● PROMPT: In the listing below, print exactly the lines between the line holding "#82=VERTEX_POINT('',#81);" and the line holding "#137=DIRECTION('',(0.,0.,1.));", inclusive, and no more.

● PROVIDED RECORDS:
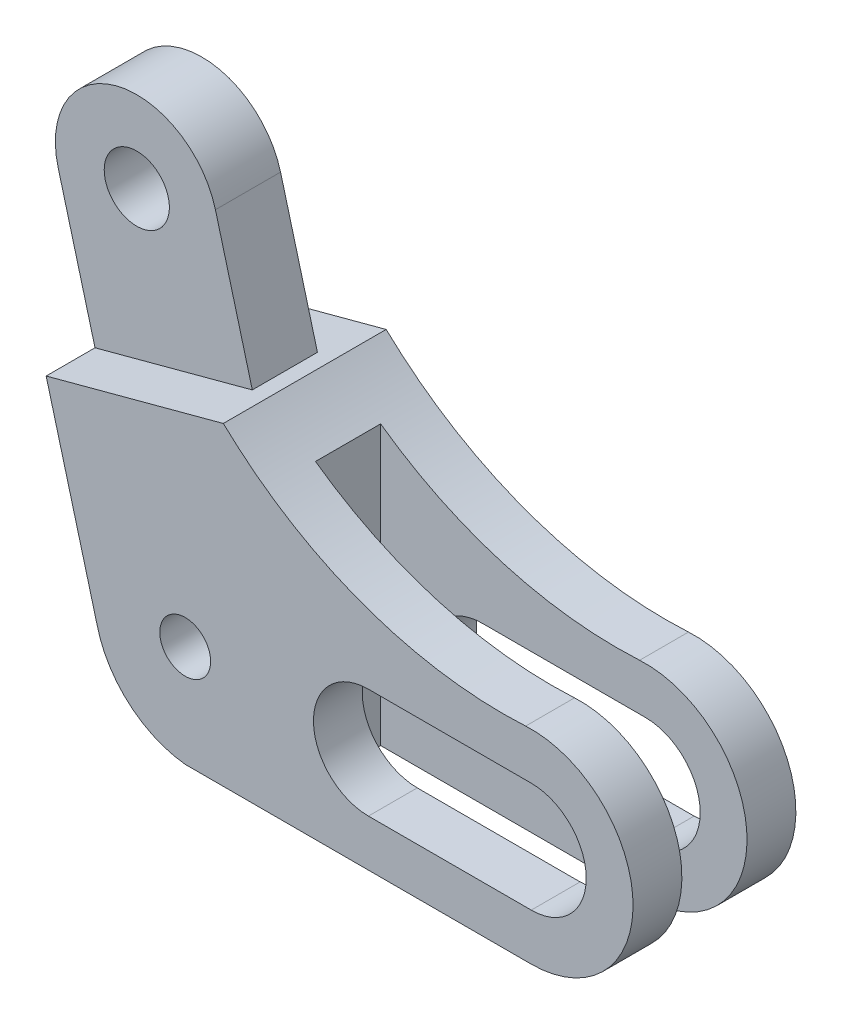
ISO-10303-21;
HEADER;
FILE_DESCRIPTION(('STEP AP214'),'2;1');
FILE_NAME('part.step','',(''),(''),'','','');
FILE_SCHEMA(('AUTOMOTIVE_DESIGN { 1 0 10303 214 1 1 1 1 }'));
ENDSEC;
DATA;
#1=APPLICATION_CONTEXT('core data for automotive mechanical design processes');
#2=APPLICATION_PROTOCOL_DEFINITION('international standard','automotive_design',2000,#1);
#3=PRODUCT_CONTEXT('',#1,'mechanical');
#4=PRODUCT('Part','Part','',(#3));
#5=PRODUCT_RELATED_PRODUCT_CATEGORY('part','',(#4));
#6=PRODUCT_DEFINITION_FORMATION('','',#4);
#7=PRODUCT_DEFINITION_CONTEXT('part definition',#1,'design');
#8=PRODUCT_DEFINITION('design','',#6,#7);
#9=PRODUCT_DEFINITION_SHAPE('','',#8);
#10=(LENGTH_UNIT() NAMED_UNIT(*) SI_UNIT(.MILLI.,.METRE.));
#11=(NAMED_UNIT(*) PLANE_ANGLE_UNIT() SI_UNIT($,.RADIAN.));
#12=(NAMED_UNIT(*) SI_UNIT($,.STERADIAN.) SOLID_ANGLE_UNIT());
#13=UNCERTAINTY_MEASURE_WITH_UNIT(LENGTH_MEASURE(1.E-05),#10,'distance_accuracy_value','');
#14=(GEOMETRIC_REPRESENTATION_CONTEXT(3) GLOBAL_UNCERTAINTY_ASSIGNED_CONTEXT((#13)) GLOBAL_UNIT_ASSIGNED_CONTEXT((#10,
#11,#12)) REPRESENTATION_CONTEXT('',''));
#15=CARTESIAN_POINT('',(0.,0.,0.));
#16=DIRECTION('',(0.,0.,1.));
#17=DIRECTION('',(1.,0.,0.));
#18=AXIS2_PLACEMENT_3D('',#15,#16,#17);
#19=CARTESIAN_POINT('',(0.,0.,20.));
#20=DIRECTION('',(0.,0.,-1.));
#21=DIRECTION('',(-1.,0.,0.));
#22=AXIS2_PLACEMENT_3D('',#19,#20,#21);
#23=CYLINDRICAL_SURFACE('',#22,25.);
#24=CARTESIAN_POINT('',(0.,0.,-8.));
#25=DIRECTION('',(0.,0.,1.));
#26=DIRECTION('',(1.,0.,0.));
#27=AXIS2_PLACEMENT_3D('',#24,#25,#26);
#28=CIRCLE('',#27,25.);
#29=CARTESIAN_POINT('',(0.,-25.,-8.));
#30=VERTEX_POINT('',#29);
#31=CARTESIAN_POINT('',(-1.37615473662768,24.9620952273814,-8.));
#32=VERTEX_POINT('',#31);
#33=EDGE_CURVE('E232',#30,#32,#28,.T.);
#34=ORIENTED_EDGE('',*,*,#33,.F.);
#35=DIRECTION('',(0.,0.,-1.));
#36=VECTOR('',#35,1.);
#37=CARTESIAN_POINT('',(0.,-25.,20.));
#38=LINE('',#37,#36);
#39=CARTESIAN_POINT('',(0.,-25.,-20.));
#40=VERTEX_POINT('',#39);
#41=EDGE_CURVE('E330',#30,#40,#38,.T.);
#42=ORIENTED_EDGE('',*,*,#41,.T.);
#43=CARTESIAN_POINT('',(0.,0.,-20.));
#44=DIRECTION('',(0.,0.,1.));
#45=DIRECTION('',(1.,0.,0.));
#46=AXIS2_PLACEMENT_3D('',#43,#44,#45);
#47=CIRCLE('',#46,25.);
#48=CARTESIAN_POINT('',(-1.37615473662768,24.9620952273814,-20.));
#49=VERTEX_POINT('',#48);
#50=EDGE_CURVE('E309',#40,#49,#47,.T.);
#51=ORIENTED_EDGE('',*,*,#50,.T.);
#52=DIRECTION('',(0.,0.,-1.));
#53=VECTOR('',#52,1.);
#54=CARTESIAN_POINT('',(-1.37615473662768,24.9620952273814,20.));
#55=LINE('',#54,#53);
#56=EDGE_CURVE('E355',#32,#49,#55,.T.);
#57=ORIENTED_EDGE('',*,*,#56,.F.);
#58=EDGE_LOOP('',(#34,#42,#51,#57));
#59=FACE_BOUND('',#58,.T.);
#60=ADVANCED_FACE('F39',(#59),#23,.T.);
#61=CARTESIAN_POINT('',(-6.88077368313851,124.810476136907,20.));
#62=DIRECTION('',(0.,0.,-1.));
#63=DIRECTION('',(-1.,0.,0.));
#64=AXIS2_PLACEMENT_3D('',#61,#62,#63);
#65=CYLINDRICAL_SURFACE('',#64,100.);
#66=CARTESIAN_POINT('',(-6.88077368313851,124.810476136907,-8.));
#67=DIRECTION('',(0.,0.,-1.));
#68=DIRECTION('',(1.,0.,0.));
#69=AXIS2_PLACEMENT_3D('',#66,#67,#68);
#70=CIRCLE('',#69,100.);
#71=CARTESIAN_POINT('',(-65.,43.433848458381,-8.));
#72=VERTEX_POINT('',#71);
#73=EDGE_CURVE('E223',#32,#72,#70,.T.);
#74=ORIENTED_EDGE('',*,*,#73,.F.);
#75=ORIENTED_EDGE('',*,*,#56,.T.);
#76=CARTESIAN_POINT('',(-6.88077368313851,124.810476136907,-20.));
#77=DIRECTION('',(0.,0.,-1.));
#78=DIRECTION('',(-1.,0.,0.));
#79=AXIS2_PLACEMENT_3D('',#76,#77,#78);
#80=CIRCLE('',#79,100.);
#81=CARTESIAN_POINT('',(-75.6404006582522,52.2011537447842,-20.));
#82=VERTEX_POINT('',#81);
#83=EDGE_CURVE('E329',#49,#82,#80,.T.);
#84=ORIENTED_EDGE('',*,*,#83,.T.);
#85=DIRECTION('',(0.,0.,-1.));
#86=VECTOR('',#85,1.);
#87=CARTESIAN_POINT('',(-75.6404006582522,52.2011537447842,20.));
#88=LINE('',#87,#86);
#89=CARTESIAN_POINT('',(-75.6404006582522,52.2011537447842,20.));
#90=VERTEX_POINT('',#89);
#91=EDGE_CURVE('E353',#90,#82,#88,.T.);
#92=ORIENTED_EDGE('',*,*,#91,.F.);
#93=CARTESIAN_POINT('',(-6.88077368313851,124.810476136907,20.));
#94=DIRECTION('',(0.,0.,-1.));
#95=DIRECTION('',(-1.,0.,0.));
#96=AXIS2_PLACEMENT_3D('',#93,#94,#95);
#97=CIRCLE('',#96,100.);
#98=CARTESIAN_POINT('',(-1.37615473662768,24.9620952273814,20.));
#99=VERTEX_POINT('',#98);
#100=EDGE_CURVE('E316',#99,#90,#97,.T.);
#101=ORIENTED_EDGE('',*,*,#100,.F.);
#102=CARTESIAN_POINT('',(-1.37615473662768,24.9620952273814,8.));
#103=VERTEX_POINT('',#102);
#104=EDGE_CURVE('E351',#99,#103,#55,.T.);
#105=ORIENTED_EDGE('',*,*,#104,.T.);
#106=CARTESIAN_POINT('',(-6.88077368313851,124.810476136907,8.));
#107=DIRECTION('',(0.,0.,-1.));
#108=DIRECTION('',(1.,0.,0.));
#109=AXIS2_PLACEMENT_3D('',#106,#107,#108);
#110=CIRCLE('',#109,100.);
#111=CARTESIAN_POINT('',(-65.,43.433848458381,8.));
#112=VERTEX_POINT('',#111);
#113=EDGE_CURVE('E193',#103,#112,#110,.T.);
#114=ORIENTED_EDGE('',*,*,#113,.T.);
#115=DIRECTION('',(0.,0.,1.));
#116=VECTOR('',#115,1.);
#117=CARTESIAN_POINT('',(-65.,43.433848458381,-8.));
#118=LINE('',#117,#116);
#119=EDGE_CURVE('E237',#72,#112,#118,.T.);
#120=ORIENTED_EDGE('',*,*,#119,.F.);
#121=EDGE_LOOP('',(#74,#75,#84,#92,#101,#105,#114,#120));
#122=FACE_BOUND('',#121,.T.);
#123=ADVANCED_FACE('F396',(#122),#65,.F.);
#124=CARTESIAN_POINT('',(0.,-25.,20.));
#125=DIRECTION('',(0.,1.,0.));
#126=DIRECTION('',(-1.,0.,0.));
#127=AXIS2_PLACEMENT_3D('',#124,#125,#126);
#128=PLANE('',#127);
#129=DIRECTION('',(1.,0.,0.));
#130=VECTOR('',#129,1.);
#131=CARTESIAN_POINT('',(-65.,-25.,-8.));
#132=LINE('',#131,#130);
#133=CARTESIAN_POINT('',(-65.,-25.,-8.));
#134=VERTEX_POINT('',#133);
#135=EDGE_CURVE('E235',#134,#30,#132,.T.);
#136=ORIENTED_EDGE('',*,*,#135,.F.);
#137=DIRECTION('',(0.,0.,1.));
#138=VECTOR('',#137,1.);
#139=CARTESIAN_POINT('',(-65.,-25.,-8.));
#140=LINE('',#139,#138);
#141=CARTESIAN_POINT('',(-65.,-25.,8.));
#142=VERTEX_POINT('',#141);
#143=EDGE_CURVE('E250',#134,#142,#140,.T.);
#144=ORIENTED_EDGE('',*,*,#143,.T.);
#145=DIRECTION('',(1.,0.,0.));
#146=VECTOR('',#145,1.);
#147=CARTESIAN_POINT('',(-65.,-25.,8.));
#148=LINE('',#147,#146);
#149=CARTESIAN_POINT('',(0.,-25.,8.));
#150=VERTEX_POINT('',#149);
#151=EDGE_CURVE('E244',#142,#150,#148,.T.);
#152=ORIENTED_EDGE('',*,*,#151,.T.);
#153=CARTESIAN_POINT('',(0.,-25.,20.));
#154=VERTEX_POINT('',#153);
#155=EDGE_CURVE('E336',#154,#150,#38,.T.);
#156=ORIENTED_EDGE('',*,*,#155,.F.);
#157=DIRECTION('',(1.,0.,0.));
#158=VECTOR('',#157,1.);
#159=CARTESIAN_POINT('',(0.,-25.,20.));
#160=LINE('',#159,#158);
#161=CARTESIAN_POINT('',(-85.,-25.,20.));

● TASK OUTPUT:
#82=VERTEX_POINT('',#81);
#83=EDGE_CURVE('E329',#49,#82,#80,.T.);
#84=ORIENTED_EDGE('',*,*,#83,.T.);
#85=DIRECTION('',(0.,0.,-1.));
#86=VECTOR('',#85,1.);
#87=CARTESIAN_POINT('',(-75.6404006582522,52.2011537447842,20.));
#88=LINE('',#87,#86);
#89=CARTESIAN_POINT('',(-75.6404006582522,52.2011537447842,20.));
#90=VERTEX_POINT('',#89);
#91=EDGE_CURVE('E353',#90,#82,#88,.T.);
#92=ORIENTED_EDGE('',*,*,#91,.F.);
#93=CARTESIAN_POINT('',(-6.88077368313851,124.810476136907,20.));
#94=DIRECTION('',(0.,0.,-1.));
#95=DIRECTION('',(-1.,0.,0.));
#96=AXIS2_PLACEMENT_3D('',#93,#94,#95);
#97=CIRCLE('',#96,100.);
#98=CARTESIAN_POINT('',(-1.37615473662768,24.9620952273814,20.));
#99=VERTEX_POINT('',#98);
#100=EDGE_CURVE('E316',#99,#90,#97,.T.);
#101=ORIENTED_EDGE('',*,*,#100,.F.);
#102=CARTESIAN_POINT('',(-1.37615473662768,24.9620952273814,8.));
#103=VERTEX_POINT('',#102);
#104=EDGE_CURVE('E351',#99,#103,#55,.T.);
#105=ORIENTED_EDGE('',*,*,#104,.T.);
#106=CARTESIAN_POINT('',(-6.88077368313851,124.810476136907,8.));
#107=DIRECTION('',(0.,0.,-1.));
#108=DIRECTION('',(1.,0.,0.));
#109=AXIS2_PLACEMENT_3D('',#106,#107,#108);
#110=CIRCLE('',#109,100.);
#111=CARTESIAN_POINT('',(-65.,43.433848458381,8.));
#112=VERTEX_POINT('',#111);
#113=EDGE_CURVE('E193',#103,#112,#110,.T.);
#114=ORIENTED_EDGE('',*,*,#113,.T.);
#115=DIRECTION('',(0.,0.,1.));
#116=VECTOR('',#115,1.);
#117=CARTESIAN_POINT('',(-65.,43.433848458381,-8.));
#118=LINE('',#117,#116);
#119=EDGE_CURVE('E237',#72,#112,#118,.T.);
#120=ORIENTED_EDGE('',*,*,#119,.F.);
#121=EDGE_LOOP('',(#74,#75,#84,#92,#101,#105,#114,#120));
#122=FACE_BOUND('',#121,.T.);
#123=ADVANCED_FACE('F396',(#122),#65,.F.);
#124=CARTESIAN_POINT('',(0.,-25.,20.));
#125=DIRECTION('',(0.,1.,0.));
#126=DIRECTION('',(-1.,0.,0.));
#127=AXIS2_PLACEMENT_3D('',#124,#125,#126);
#128=PLANE('',#127);
#129=DIRECTION('',(1.,0.,0.));
#130=VECTOR('',#129,1.);
#131=CARTESIAN_POINT('',(-65.,-25.,-8.));
#132=LINE('',#131,#130);
#133=CARTESIAN_POINT('',(-65.,-25.,-8.));
#134=VERTEX_POINT('',#133);
#135=EDGE_CURVE('E235',#134,#30,#132,.T.);
#136=ORIENTED_EDGE('',*,*,#135,.F.);
#137=DIRECTION('',(0.,0.,1.));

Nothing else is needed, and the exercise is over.